▽

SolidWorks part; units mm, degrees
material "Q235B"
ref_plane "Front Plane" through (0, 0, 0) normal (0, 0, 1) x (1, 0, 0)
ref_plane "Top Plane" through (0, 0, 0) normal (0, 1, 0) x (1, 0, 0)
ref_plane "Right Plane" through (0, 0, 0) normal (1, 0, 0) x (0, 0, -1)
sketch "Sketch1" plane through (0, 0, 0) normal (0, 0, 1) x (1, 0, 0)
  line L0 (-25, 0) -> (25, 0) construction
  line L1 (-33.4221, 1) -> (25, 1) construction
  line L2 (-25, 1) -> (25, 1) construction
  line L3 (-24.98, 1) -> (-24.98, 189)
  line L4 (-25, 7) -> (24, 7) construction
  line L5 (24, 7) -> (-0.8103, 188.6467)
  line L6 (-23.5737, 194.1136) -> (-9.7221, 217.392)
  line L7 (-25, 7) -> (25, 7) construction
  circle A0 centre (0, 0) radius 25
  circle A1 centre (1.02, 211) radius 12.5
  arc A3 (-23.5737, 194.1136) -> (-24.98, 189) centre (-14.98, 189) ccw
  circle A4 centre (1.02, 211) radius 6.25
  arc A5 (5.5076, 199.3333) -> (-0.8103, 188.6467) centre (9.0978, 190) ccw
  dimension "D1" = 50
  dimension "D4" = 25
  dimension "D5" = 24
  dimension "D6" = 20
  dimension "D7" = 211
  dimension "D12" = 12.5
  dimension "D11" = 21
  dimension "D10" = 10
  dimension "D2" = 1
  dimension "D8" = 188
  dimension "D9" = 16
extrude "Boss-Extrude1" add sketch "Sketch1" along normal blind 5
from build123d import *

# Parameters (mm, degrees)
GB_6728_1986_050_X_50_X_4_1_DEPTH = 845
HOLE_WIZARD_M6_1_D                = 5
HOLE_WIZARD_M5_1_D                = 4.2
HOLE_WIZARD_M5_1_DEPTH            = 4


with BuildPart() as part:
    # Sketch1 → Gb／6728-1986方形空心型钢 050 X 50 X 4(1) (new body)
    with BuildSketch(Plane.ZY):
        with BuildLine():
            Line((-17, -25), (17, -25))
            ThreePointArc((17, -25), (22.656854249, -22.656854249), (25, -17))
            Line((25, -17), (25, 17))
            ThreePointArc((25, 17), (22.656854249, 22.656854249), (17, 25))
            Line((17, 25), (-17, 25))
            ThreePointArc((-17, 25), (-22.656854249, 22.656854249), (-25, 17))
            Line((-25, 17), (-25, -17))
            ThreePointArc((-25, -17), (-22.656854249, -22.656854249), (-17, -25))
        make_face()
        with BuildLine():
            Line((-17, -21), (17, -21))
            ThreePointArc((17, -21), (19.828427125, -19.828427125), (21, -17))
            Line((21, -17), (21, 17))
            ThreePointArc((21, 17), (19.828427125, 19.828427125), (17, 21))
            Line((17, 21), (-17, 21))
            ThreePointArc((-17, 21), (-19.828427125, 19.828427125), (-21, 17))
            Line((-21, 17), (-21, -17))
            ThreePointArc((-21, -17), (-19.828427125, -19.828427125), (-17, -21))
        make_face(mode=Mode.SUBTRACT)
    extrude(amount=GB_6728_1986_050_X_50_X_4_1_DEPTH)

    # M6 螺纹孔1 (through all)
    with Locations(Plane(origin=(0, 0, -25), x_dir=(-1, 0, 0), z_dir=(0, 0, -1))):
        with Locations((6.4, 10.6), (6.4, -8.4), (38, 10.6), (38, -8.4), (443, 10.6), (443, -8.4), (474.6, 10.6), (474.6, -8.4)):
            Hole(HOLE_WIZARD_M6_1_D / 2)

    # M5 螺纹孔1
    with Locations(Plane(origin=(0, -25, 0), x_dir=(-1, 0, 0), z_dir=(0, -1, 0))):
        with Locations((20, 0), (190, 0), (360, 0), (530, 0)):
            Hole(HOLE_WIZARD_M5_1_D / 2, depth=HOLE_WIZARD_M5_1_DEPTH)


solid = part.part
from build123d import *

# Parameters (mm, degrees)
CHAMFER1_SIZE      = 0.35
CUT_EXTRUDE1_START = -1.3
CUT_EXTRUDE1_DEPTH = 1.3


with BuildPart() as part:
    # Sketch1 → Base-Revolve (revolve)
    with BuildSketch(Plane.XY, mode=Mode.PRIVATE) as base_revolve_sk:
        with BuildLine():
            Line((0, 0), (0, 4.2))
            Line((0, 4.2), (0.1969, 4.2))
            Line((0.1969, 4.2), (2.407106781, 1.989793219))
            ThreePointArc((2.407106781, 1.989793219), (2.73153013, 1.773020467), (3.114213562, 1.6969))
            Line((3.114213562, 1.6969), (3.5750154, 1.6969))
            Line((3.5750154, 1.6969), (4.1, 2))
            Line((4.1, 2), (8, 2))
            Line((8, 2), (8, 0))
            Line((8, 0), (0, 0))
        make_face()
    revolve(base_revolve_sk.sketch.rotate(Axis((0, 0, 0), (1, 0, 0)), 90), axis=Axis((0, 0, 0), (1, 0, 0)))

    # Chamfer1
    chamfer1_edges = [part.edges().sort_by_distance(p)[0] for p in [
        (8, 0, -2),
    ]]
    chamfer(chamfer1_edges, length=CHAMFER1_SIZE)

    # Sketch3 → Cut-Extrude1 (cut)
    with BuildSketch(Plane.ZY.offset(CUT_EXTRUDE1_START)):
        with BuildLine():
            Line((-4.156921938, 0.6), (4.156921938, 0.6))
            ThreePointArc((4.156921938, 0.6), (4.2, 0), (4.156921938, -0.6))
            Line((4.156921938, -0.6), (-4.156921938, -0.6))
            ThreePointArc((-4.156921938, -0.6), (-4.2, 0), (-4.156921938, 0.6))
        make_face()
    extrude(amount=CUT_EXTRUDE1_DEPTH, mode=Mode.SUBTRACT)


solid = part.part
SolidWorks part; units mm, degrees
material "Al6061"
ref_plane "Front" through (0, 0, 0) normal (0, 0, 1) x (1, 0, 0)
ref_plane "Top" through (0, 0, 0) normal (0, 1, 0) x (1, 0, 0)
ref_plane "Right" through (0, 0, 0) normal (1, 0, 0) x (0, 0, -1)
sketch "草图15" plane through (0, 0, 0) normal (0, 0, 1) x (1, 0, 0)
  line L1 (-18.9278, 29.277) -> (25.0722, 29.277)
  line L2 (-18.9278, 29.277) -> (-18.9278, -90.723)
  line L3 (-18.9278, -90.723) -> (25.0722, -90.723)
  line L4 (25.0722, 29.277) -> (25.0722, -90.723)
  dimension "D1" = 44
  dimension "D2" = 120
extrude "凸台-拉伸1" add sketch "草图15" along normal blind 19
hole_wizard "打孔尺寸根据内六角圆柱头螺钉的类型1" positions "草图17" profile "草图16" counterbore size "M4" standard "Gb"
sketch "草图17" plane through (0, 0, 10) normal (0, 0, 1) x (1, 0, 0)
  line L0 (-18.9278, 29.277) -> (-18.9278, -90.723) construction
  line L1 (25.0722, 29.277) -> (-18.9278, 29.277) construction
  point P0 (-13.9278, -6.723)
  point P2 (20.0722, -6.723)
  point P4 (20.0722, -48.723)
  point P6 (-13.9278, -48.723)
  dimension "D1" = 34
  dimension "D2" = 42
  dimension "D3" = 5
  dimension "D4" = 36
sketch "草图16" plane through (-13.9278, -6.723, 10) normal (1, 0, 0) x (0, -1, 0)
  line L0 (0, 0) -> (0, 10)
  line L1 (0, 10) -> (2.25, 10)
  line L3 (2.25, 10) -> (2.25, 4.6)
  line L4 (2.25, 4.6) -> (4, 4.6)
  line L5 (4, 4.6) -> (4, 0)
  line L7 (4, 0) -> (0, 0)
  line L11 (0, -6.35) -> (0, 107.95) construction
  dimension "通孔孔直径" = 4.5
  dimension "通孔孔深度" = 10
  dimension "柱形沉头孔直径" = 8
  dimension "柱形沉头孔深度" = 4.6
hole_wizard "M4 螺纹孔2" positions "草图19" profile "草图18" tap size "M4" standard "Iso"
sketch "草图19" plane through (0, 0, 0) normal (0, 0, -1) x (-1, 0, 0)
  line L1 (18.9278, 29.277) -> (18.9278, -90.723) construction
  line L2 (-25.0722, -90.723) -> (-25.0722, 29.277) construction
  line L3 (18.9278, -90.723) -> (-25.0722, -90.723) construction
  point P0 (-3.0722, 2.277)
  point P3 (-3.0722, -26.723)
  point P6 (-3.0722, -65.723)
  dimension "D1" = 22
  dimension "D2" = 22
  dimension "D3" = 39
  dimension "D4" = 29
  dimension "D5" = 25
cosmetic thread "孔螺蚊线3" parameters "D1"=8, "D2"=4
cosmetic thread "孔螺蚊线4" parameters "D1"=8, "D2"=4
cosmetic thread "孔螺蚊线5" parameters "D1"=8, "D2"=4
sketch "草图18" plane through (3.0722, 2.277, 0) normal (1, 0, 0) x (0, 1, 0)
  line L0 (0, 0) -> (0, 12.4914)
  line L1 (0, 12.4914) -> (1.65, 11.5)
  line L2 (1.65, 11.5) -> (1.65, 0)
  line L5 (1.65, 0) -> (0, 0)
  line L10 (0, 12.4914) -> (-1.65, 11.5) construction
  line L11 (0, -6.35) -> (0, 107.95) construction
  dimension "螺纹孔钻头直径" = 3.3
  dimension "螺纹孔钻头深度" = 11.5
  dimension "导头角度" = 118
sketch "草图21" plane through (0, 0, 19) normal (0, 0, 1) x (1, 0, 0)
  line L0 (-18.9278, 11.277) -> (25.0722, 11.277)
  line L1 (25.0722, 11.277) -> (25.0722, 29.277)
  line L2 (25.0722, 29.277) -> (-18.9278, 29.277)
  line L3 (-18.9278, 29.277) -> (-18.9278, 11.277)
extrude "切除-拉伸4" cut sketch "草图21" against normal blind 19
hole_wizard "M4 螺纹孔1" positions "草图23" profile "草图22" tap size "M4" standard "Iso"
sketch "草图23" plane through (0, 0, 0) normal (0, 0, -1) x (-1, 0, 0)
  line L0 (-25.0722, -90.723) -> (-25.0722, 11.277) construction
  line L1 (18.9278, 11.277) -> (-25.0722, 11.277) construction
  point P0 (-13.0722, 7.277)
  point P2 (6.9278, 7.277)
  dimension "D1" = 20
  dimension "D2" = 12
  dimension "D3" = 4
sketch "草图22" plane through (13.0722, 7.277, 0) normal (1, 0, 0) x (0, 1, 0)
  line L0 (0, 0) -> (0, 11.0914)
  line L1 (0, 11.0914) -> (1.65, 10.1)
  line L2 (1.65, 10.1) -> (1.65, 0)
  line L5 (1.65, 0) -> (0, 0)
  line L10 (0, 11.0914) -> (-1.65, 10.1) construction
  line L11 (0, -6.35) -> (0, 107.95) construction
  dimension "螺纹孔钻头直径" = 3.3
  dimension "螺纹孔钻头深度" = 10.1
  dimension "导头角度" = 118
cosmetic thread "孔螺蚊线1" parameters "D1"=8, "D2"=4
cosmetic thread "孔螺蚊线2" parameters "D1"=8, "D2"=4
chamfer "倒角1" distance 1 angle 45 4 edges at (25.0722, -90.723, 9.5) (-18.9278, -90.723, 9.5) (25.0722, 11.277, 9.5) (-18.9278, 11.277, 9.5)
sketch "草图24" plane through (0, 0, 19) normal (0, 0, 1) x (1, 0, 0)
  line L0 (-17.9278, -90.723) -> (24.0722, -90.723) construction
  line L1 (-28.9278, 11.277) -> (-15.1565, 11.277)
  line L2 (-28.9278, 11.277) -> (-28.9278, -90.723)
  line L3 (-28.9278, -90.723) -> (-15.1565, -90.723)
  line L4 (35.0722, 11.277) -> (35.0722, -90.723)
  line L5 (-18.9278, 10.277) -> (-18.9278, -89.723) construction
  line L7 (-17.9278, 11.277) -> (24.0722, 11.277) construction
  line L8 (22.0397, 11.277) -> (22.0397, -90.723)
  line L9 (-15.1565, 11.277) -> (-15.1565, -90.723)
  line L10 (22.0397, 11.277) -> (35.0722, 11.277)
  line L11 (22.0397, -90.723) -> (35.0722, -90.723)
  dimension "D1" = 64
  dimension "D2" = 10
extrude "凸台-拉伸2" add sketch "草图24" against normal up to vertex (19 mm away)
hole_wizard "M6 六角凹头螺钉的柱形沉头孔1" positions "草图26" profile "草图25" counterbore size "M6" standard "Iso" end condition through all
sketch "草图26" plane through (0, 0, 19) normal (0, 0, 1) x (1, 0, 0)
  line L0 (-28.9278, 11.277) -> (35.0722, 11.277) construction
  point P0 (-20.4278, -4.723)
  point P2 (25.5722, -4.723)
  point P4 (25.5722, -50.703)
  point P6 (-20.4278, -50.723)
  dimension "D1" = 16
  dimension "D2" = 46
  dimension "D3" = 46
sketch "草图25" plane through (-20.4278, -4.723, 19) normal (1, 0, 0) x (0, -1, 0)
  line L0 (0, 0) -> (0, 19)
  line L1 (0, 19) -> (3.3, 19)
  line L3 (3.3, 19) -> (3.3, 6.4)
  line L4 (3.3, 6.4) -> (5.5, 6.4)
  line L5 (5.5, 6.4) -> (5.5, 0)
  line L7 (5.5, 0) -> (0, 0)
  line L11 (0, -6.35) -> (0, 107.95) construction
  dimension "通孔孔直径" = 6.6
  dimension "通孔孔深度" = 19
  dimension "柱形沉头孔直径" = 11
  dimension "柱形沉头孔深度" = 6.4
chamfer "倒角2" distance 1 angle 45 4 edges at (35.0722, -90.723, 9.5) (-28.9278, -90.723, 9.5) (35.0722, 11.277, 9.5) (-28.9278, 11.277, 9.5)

△

WHAT NEEDS TO BE DONE: Scan the material above for the string "cosmetic" and report each line where you find it.

RESPONSE TO THIS EXERCISE:
cosmetic thread "孔螺蚊线3" parameters "D1"=8, "D2"=4
cosmetic thread "孔螺蚊线4" parameters "D1"=8, "D2"=4
cosmetic thread "孔螺蚊线5" parameters "D1"=8, "D2"=4
cosmetic thread "孔螺蚊线1" parameters "D1"=8, "D2"=4
cosmetic thread "孔螺蚊线2" parameters "D1"=8, "D2"=4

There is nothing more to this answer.